## What is expected
Please report how many lines of the listing hold the word "CompositionType". Add nothing to the number.
Input data below:
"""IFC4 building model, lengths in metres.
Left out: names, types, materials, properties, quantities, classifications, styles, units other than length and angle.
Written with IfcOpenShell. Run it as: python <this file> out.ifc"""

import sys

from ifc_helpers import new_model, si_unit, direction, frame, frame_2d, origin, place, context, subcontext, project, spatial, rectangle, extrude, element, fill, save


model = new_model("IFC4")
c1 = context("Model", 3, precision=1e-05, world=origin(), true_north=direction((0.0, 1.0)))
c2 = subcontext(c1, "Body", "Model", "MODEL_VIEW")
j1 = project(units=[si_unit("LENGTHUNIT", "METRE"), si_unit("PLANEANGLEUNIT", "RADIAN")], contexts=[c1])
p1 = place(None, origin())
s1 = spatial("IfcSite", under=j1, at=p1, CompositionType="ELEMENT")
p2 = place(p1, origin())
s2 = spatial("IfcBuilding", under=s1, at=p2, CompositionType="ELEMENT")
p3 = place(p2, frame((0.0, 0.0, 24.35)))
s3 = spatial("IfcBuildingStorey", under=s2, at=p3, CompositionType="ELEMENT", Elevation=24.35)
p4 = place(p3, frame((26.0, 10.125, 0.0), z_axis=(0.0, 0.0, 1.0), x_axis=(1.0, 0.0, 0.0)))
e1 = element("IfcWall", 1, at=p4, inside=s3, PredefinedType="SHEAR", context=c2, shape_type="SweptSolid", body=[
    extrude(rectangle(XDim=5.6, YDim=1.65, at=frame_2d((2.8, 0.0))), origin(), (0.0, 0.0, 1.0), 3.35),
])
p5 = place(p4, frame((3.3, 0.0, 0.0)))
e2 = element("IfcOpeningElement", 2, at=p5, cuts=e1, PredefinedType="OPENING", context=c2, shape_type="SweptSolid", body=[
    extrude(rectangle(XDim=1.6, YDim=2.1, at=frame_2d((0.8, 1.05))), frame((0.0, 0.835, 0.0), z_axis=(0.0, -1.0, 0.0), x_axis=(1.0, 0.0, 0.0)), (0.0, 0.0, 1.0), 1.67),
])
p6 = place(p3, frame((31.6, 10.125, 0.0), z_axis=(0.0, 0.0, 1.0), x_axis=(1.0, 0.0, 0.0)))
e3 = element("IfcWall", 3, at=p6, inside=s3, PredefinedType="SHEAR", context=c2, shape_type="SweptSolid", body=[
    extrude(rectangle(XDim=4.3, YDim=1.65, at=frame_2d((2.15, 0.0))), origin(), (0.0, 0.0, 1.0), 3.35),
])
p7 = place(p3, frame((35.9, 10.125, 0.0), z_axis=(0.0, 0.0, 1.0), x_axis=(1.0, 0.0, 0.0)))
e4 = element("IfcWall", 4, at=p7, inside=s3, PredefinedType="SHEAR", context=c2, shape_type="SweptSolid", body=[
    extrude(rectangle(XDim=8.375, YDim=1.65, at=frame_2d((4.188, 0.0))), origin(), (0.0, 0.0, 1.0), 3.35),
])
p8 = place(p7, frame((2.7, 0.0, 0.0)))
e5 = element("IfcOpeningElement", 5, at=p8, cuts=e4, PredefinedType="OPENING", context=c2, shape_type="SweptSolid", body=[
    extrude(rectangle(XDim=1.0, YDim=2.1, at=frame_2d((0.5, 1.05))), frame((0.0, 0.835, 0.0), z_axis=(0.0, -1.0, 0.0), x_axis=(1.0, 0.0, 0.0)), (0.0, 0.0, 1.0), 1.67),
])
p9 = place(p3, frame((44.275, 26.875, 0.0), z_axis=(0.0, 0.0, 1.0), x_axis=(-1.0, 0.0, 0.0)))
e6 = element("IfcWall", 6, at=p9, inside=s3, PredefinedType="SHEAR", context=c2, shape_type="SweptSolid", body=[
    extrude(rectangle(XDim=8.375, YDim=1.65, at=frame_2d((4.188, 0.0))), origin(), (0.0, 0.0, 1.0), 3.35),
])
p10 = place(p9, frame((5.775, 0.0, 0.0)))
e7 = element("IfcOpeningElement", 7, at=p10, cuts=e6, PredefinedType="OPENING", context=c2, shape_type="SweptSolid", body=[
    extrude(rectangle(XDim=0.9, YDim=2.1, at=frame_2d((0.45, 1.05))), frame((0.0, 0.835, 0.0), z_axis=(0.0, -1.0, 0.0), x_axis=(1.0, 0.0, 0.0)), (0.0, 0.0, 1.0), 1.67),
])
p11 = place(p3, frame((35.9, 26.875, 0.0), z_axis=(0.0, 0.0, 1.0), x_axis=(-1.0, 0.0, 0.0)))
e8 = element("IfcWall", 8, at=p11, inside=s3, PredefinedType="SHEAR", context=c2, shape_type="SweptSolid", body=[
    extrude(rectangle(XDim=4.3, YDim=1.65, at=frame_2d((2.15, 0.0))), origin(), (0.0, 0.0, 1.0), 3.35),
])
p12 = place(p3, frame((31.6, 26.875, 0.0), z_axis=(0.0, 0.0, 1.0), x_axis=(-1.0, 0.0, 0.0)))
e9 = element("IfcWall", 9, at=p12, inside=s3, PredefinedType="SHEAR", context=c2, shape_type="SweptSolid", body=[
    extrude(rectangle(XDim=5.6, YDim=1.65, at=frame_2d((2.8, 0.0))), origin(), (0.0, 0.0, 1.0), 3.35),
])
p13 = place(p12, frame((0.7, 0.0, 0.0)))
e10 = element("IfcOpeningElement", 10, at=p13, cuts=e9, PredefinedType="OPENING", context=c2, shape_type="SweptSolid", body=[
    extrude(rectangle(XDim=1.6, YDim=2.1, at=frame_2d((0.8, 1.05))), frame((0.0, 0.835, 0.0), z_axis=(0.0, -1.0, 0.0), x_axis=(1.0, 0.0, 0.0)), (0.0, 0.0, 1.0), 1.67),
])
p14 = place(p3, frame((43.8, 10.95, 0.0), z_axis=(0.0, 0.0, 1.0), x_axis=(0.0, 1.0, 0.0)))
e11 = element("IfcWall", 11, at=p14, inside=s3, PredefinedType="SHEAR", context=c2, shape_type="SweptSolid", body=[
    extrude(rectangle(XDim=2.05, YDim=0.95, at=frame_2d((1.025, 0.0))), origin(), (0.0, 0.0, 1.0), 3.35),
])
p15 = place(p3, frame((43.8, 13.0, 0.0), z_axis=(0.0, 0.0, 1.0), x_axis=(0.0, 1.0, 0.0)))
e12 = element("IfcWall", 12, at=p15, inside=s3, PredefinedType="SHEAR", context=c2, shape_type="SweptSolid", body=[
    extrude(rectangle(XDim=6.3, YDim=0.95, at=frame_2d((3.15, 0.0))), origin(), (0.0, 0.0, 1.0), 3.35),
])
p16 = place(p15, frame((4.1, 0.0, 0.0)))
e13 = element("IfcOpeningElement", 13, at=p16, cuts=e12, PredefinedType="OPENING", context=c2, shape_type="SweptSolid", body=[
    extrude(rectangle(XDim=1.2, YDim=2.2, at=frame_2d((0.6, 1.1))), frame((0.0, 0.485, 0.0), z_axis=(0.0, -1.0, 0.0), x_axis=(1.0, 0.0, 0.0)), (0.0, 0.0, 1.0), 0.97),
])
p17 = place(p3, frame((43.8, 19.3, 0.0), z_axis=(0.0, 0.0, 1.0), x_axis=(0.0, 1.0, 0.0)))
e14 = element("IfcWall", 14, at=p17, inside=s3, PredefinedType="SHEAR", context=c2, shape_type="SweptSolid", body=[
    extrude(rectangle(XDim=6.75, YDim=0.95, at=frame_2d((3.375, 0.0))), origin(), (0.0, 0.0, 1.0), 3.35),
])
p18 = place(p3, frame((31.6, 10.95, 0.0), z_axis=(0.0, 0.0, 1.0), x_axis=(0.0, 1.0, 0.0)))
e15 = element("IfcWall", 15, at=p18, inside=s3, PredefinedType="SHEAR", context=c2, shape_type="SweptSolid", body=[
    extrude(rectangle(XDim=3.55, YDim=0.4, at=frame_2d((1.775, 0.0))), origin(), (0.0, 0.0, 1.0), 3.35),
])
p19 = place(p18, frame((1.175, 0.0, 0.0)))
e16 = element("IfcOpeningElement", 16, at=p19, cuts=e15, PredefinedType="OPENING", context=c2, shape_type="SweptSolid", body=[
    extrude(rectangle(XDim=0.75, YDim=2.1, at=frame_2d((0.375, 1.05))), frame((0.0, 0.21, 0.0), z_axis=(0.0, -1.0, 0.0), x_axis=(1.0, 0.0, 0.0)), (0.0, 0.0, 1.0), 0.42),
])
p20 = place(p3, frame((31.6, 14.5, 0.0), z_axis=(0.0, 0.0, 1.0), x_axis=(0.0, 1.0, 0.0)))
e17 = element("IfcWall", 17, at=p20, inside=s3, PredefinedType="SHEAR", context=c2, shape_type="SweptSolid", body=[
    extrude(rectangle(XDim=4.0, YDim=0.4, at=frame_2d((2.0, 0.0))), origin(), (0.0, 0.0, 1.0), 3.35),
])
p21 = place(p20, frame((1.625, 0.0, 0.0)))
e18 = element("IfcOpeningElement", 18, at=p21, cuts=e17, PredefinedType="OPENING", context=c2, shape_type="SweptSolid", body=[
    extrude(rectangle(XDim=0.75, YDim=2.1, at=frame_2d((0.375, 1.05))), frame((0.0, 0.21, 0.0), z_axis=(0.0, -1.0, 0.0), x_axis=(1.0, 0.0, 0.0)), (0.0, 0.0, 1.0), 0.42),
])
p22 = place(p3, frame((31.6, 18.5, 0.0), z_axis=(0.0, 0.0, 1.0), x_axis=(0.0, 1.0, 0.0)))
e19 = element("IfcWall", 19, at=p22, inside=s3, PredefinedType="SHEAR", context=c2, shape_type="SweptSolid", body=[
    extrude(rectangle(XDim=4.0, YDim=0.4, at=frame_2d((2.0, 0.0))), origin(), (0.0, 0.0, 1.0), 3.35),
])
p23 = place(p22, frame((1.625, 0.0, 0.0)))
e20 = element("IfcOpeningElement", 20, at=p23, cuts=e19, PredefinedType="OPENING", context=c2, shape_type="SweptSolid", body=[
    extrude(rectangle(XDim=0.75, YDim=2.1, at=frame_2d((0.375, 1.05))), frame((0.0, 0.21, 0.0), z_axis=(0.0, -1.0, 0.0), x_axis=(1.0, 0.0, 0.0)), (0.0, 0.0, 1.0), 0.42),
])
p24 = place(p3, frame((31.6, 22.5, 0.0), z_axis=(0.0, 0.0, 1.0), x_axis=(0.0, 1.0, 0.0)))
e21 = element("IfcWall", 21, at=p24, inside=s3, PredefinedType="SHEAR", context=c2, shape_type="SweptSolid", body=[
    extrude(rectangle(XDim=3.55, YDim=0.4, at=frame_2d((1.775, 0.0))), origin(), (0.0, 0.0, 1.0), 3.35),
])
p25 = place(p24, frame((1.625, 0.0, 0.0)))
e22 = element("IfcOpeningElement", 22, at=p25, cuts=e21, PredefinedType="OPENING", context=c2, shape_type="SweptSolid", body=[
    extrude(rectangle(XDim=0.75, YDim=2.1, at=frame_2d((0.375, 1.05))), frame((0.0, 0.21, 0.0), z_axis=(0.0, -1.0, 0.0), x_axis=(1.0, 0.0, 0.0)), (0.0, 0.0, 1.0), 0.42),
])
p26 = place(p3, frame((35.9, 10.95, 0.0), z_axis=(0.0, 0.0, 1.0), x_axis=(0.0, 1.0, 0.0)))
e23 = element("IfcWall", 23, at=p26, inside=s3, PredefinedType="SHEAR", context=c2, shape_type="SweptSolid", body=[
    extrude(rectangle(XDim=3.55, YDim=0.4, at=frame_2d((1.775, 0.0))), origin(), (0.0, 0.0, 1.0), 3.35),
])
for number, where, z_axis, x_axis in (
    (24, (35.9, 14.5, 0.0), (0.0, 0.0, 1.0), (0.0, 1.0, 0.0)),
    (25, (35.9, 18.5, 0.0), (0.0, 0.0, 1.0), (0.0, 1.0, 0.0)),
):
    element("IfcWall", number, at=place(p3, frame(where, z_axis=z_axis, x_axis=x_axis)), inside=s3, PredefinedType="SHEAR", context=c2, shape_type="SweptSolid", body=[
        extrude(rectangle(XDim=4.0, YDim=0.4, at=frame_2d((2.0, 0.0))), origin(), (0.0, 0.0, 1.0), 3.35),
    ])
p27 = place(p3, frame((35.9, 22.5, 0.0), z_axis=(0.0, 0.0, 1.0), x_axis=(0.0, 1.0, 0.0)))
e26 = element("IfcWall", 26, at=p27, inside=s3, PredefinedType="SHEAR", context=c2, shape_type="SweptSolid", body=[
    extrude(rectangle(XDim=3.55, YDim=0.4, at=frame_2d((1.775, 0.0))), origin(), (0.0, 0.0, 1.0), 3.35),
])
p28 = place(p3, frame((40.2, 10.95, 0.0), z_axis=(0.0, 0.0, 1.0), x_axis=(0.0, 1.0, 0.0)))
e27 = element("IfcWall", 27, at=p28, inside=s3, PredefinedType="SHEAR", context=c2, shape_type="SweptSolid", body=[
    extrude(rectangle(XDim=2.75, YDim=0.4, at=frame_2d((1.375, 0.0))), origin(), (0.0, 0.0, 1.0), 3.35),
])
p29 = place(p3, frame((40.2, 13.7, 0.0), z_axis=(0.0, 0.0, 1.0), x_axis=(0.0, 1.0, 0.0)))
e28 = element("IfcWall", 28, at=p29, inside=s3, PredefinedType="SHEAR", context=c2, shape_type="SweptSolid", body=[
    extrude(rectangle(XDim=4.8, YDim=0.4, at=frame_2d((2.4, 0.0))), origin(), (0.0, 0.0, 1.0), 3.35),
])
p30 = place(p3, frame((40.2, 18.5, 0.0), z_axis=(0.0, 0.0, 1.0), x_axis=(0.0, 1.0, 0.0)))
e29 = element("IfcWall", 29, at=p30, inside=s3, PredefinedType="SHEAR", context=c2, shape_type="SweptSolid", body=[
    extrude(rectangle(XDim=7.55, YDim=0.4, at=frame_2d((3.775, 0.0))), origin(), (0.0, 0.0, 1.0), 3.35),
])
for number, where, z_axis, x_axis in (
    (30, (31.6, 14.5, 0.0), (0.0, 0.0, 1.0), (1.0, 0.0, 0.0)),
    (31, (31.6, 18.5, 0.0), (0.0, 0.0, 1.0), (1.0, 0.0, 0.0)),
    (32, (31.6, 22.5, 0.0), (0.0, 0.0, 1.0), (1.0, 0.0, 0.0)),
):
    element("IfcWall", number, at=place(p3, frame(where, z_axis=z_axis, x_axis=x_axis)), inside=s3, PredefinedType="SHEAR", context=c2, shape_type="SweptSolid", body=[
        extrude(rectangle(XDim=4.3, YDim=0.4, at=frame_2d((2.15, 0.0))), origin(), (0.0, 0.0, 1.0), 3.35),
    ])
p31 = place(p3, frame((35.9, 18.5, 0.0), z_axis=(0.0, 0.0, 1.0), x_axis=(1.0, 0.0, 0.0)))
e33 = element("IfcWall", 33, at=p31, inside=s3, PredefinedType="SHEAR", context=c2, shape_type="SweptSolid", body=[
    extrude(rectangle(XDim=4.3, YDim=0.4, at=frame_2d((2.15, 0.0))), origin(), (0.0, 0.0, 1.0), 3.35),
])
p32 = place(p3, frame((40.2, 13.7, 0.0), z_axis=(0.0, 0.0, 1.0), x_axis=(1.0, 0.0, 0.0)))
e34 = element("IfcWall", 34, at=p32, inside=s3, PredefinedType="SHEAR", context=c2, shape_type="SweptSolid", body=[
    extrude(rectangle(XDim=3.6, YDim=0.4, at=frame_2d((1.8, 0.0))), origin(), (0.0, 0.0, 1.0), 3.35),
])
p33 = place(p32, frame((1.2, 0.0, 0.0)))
End of Input data.
## Task response
3